EXERCISE OBJECTIVE: Filter the lines below, copying only those with the string "offset".

GIVEN DATA:
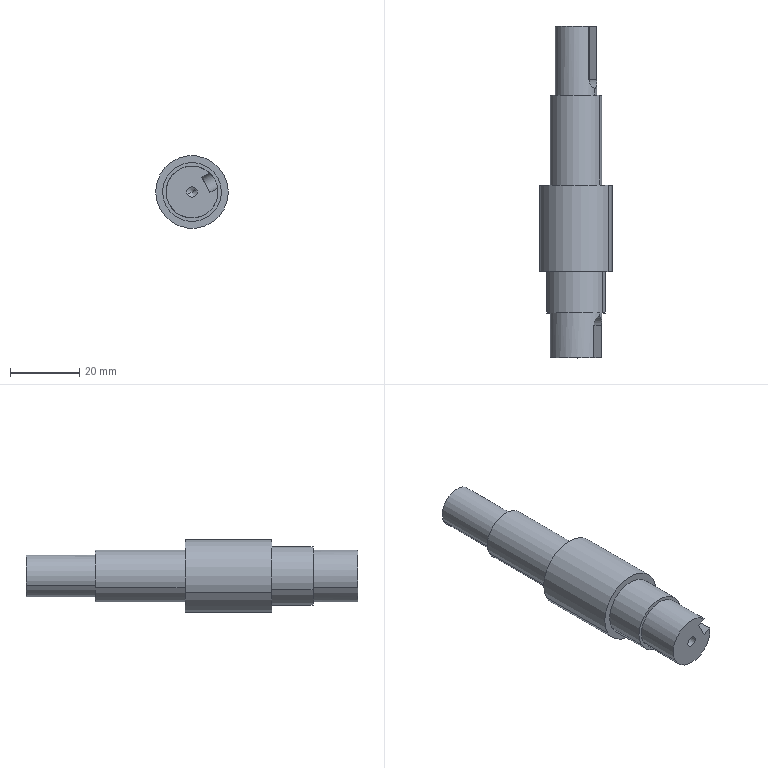Component | SolidWorks | GearIntermediateAxis-1 | 1 solid | 32 faces | box 21 x 96 x 21 mm | volume 19909 mm3 | cylinder 16 | plane 12 | cone 4 | commonest cylinder face diameters 3 x4 15 x4 17 x2 21 x2 12 x2 5 x2 | material 5154-O, Bar (SS)
build123d program:
from build123d import *

# Parameters (mm, degrees)
CUT_EXTRUDE1_DEPTH    = 3
CUT_EXTRUDE2_DEPTH    = 3
M3_TAPPED_HOLE1_D     = 3
M3_TAPPED_HOLE1_DEPTH = 15
M3_TAPPED_HOLE1_TIP   = 0.9013
M3_TAPPED_HOLE2_D     = 3
M3_TAPPED_HOLE2_DEPTH = 15
M3_TAPPED_HOLE2_TIP   = 0.9013


with BuildPart() as part:
    # Sketch1 → Revolve1 (revolve)
    with BuildSketch(Plane.XY, mode=Mode.PRIVATE) as revolve1_sk:
        Polygon((0, 96), (-6, 96), (-6, 76), (-7.5, 76), (-7.5, 50), (-10.5, 50), (-10.5, 25), (-8.5, 25), (-8.5, 13), (-7.5, 13), (-7.5, 0), (0, 0), align=None)
    revolve(revolve1_sk.sketch.rotate(Axis((0, 111.479, 0), (0, -1, 0)), 270), axis=Axis((0, 111.479, 0), (0, -1, 0)))

    # Sketch2 → Cut-Extrude1 (cut)
    with BuildSketch(Plane.XY.offset(6)):
        with BuildLine():
            Line((2.5, 96), (2.5, 80.5))
            ThreePointArc((2.5, 80.5), (0, 78), (-2.5, 80.5))
            Line((-2.5, 80.5), (-2.5, 96))
            ThreePointArc((-2.5, 96), (0, 98.5), (2.5, 96))
        make_face()
    extrude(amount=-CUT_EXTRUDE1_DEPTH, mode=Mode.SUBTRACT)

    # Sketch3 → Cut-Extrude2 (cut)
    with BuildSketch(Plane.XY.offset(7.5)):
        with BuildLine():
            Line((-2.5, 0), (-2.5, 9.5))
            ThreePointArc((-2.5, 9.5), (0, 12), (2.5, 9.5))
            Line((2.5, 9.5), (2.5, 0))
            ThreePointArc((2.5, 0), (0, -2.5), (-2.5, 0))
        make_face()
    extrude(amount=-CUT_EXTRUDE2_DEPTH, mode=Mode.SUBTRACT)

    # M3 Tapped Hole1
    with Locations(Plane(origin=(0, 96, 0), x_dir=(1, 0, 0), z_dir=(0, 1, 0))):
        with Locations((0, 0)):
            Hole(M3_TAPPED_HOLE1_D / 2, depth=M3_TAPPED_HOLE1_DEPTH)
            with Locations((0, 0, -(M3_TAPPED_HOLE1_DEPTH + M3_TAPPED_HOLE1_TIP / 2))):  # 118° drill point
                Cone(0, M3_TAPPED_HOLE1_D / 2, M3_TAPPED_HOLE1_TIP, mode=Mode.SUBTRACT)

    # M3 Tapped Hole2
    with Locations(Plane(origin=(0, 0, 0), x_dir=(-1, 0, 0), z_dir=(0, -1, 0))):
        with Locations((0, 0)):
            Hole(M3_TAPPED_HOLE2_D / 2, depth=M3_TAPPED_HOLE2_DEPTH)
            with Locations((0, 0, -(M3_TAPPED_HOLE2_DEPTH + M3_TAPPED_HOLE2_TIP / 2))):  # 118° drill point
                Cone(0, M3_TAPPED_HOLE2_D / 2, M3_TAPPED_HOLE2_TIP, mode=Mode.SUBTRACT)


solid = part.part

# Placed as in the assembly
solid = solid.moved(Location((-165.724, 61.266, -166.507), (0, 62.569, 0)))
STEP:
#1=COLOUR_RGB('',0.7922,0.8196,0.9333);
#2=FILL_AREA_STYLE_COLOUR('',#1);
#3=FILL_AREA_STYLE('',(#2));
#4=SURFACE_STYLE_FILL_AREA(#3);
#5=SURFACE_SIDE_STYLE('',(#4));
#6=SURFACE_STYLE_USAGE(.BOTH.,#5);
#7=PRESENTATION_STYLE_ASSIGNMENT((#6));
#8=CARTESIAN_POINT('',(-6.472,3.003,-6.528));
#9=VERTEX_POINT('',#8);
#10=CARTESIAN_POINT('',(-6.577,3.003,-6.583));
#11=VERTEX_POINT('',#10);
#12=CARTESIAN_POINT('',(-6.525,3.003,-6.555));
#13=DIRECTION('',(0.,-1.,0.));
#14=DIRECTION('',(-0.8876,0.,-0.4607));
#15=AXIS2_PLACEMENT_3D('',#12,#13,#14);
#16=CIRCLE('',#15,0.05906);
#17=EDGE_CURVE('',#9,#11,#16,.T.);
#18=ORIENTED_EDGE('',*,*,#17,.F.);
#19=CARTESIAN_POINT('',(-6.472,2.412,-6.528));
#20=VERTEX_POINT('',#19);
#21=CARTESIAN_POINT('',(-6.472,2.412,-6.528));
#22=DIRECTION('',(0.,-1.,0.));
#23=VECTOR('',#22,39.37);
#24=LINE('',#21,#23);
#25=EDGE_CURVE('',#9,#20,#24,.T.);
#26=ORIENTED_EDGE('',*,*,#25,.T.);
#27=CARTESIAN_POINT('',(-6.577,2.412,-6.583));
#28=VERTEX_POINT('',#27);
#29=CARTESIAN_POINT('',(-6.525,2.412,-6.555));
#30=DIRECTION('',(0.,-1.,0.));
#31=DIRECTION('',(-0.8876,0.,-0.4607));
#32=AXIS2_PLACEMENT_3D('',#29,#30,#31);
#33=CIRCLE('',#32,0.05906);
#34=EDGE_CURVE('',#20,#28,#33,.T.);
#35=ORIENTED_EDGE('',*,*,#34,.T.);
#36=CARTESIAN_POINT('',(-6.577,2.412,-6.583));
#37=DIRECTION('',(0.,-1.,0.));
#38=VECTOR('',#37,39.37);
#39=LINE('',#36,#38);
#40=EDGE_CURVE('',#11,#28,#39,.T.);
#41=ORIENTED_EDGE('',*,*,#40,.F.);
#42=EDGE_LOOP('',(#18,#26,#35,#41));
#43=FACE_OUTER_BOUND('',#42,.T.);
#44=CARTESIAN_POINT('',(-6.525,2.412,-6.555));
#45=DIRECTION('',(0.,-1.,0.));
#46=DIRECTION('',(-0.8876,0.,-0.4607));
#47=AXIS2_PLACEMENT_3D('',#44,#45,#46);
#48=CYLINDRICAL_SURFACE('',#47,0.05906);
#49=ADVANCED_FACE('',(#43),#48,.F.);
#50=CARTESIAN_POINT('',(-6.525,3.038,-6.555));
#51=VERTEX_POINT('',#50);
#52=CARTESIAN_POINT('',(-6.577,3.003,-6.583));
#53=DIRECTION('',(-0.7608,-0.515,-0.3949));
#54=VECTOR('',#53,39.37);
#55=LINE('',#52,#54);
#56=EDGE_CURVE('',#51,#11,#55,.T.);
#57=ORIENTED_EDGE('',*,*,#56,.F.);
#58=CARTESIAN_POINT('',(-6.472,3.003,-6.528));
#59=DIRECTION('',(0.7608,-0.515,0.3949));
#60=VECTOR('',#59,39.37);
#61=LINE('',#58,#60);
#62=EDGE_CURVE('',#51,#9,#61,.T.);
#63=ORIENTED_EDGE('',*,*,#62,.T.);
#64=ORIENTED_EDGE('',*,*,#17,.T.);
#65=EDGE_LOOP('',(#57,#63,#64));
#66=FACE_OUTER_BOUND('',#65,.T.);
#67=CARTESIAN_POINT('',(-6.525,3.003,-6.555));
#68=DIRECTION('',(0.,-1.,0.));
#69=DIRECTION('',(-0.8876,0.,-0.4607));
#70=AXIS2_PLACEMENT_3D('',#67,#68,#69);
#71=CONICAL_SURFACE('',#70,0.05906,1.03);
#72=ADVANCED_FACE('',(#66),#71,.F.);
#73=CARTESIAN_POINT('',(-6.577,5.601,-6.583));
#74=VERTEX_POINT('',#73);
#75=CARTESIAN_POINT('',(-6.472,5.601,-6.528));
#76=VERTEX_POINT('',#75);
#77=CARTESIAN_POINT('',(-6.525,5.601,-6.555));
#78=DIRECTION('',(0.,1.,0.));
#79=DIRECTION('',(0.8876,0.,0.4607));
#80=AXIS2_PLACEMENT_3D('',#77,#78,#79);
#81=CIRCLE('',#80,0.05906);
#82=EDGE_CURVE('',#74,#76,#81,.T.);
#83=ORIENTED_EDGE('',*,*,#82,.F.);
#84=CARTESIAN_POINT('',(-6.577,6.192,-6.583));
#85=VERTEX_POINT('',#84);
#86=CARTESIAN_POINT('',(-6.577,6.192,-6.583));
#87=DIRECTION('',(0.,1.,0.));
#88=VECTOR('',#87,39.37);
#89=LINE('',#86,#88);
#90=EDGE_CURVE('',#74,#85,#89,.T.);
#91=ORIENTED_EDGE('',*,*,#90,.T.);
#92=CARTESIAN_POINT('',(-6.472,6.192,-6.528));
#93=VERTEX_POINT('',#92);
#94=CARTESIAN_POINT('',(-6.525,6.192,-6.555));
#95=DIRECTION('',(0.,1.,0.));
#96=DIRECTION('',(0.8876,0.,0.4607));
#97=AXIS2_PLACEMENT_3D('',#94,#95,#96);
#98=CIRCLE('',#97,0.05906);
#99=EDGE_CURVE('',#85,#93,#98,.T.);
#100=ORIENTED_EDGE('',*,*,#99,.T.);
#101=CARTESIAN_POINT('',(-6.472,6.192,-6.528));
#102=DIRECTION('',(0.,1.,0.));
#103=VECTOR('',#102,39.37);
#104=LINE('',#101,#103);
#105=EDGE_CURVE('',#76,#93,#104,.T.);
#106=ORIENTED_EDGE('',*,*,#105,.F.);
#107=EDGE_LOOP('',(#83,#91,#100,#106));
#108=FACE_OUTER_BOUND('',#107,.T.);
#109=CARTESIAN_POINT('',(-6.525,6.192,-6.555));
#110=DIRECTION('',(0.,1.,0.));
#111=DIRECTION('',(0.8876,0.,0.4607));
#112=AXIS2_PLACEMENT_3D('',#109,#110,#111);
#113=CYLINDRICAL_SURFACE('',#112,0.05906);
#114=ADVANCED_FACE('',(#108),#113,.F.);
#115=CARTESIAN_POINT('',(-6.525,5.566,-6.555));
#116=VERTEX_POINT('',#115);
#117=CARTESIAN_POINT('',(-6.472,5.601,-6.528));
#118=DIRECTION('',(0.7608,0.515,0.3949));
#119=VECTOR('',#118,39.37);
#120=LINE('',#117,#119);
#121=EDGE_CURVE('',#116,#76,#120,.T.);
#122=ORIENTED_EDGE('',*,*,#121,.F.);
#123=CARTESIAN_POINT('',(-6.577,5.601,-6.583));
#124=DIRECTION('',(-0.7608,0.515,-0.3949));
#125=VECTOR('',#124,39.37);
#126=LINE('',#123,#125);
#127=EDGE_CURVE('',#116,#74,#126,.T.);
#128=ORIENTED_EDGE('',*,*,#127,.T.);
#129=ORIENTED_EDGE('',*,*,#82,.T.);
#130=EDGE_LOOP('',(#122,#128,#129));
#131=FACE_OUTER_BOUND('',#130,.T.);
#132=CARTESIAN_POINT('',(-6.525,5.601,-6.555));
#133=DIRECTION('',(0.,1.,0.));
#134=DIRECTION('',(0.8876,0.,0.4607));
#135=AXIS2_PLACEMENT_3D('',#132,#133,#134);
#136=CONICAL_SURFACE('',#135,0.05906,1.03);
#137=ADVANCED_FACE('',(#131),#136,.F.);
#138=CARTESIAN_POINT('',(-6.232,2.412,-6.515));
#139=VERTEX_POINT('',#138);
#140=CARTESIAN_POINT('',(-6.787,2.412,-6.691));
#141=VERTEX_POINT('',#140);
#142=CARTESIAN_POINT('',(-6.525,2.412,-6.555));
#143=DIRECTION('',(0.,1.,0.));
#144=DIRECTION('',(0.8876,0.,0.4607));
#145=AXIS2_PLACEMENT_3D('',#142,#143,#144);
#146=CIRCLE('',#145,0.2953);
#147=EDGE_CURVE('',#139,#141,#146,.T.);
#148=ORIENTED_EDGE('',*,*,#147,.T.);
#149=CARTESIAN_POINT('',(-6.787,2.924,-6.691));
#150=VERTEX_POINT('',#149);
#151=CARTESIAN_POINT('',(-6.787,6.801,-6.691));
#152=DIRECTION('',(0.,1.,0.));
#153=VECTOR('',#152,39.37);
#154=LINE('',#151,#153);
#155=EDGE_CURVE('',#141,#150,#154,.T.);
#156=ORIENTED_EDGE('',*,*,#155,.T.);
#157=CARTESIAN_POINT('',(-6.263,2.924,-6.419));
#158=VERTEX_POINT('',#157);
#159=CARTESIAN_POINT('',(-6.525,2.924,-6.555));
#160=DIRECTION('',(0.,1.,0.));
#161=DIRECTION('',(0.8876,0.,0.4607));
#162=AXIS2_PLACEMENT_3D('',#159,#160,#161);
#163=CIRCLE('',#162,0.2953);
#164=EDGE_CURVE('',#158,#150,#163,.T.);
#165=ORIENTED_EDGE('',*,*,#164,.F.);
#166=CARTESIAN_POINT('',(-6.263,2.884,-6.419));
#167=VERTEX_POINT('',#166);
#168=CARTESIAN_POINT('',(-6.263,6.801,-6.419));
#169=DIRECTION('',(0.,1.,0.));
#170=VECTOR('',#169,39.37);
#171=LINE('',#168,#170);
#172=EDGE_CURVE('',#167,#158,#171,.T.);
#173=ORIENTED_EDGE('',*,*,#172,.F.);
#174=CARTESIAN_POINT('',(-6.232,2.786,-6.515));
#175=VERTEX_POINT('',#174);
#176=CARTESIAN_POINT('',(-6.232,2.786,-6.515));
#177=CARTESIAN_POINT('',(-6.232,2.793,-6.515));
#178=CARTESIAN_POINT('',(-6.232,2.799,-6.514));
#179=CARTESIAN_POINT('',(-6.233,2.812,-6.511));
#180=CARTESIAN_POINT('',(-6.233,2.818,-6.509));
#181=CARTESIAN_POINT('',(-6.234,2.83,-6.504));
#182=CARTESIAN_POINT('',(-6.234,2.836,-6.501));
#183=CARTESIAN_POINT('',(-6.236,2.846,-6.494));
#184=CARTESIAN_POINT('',(-6.237,2.851,-6.489));
#185=CARTESIAN_POINT('',(-6.24,2.865,-6.476));
#186=CARTESIAN_POINT('',(-6.243,2.872,-6.465));
#187=CARTESIAN_POINT('',(-6.249,2.879,-6.448));
#188=CARTESIAN_POINT('',(-6.252,2.881,-6.443));
#189=CARTESIAN_POINT('',(-6.257,2.884,-6.431));
#190=CARTESIAN_POINT('',(-6.26,2.884,-6.425));
#191=CARTESIAN_POINT('',(-6.263,2.884,-6.419));
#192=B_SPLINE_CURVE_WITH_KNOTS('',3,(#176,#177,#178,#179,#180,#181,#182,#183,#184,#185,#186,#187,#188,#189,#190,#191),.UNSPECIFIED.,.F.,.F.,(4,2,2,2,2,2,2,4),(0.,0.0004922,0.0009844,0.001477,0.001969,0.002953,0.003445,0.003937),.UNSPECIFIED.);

FINISHED TASK:
    with BuildSketch(Plane.XY.offset(6)):
    with BuildSketch(Plane.XY.offset(7.5)):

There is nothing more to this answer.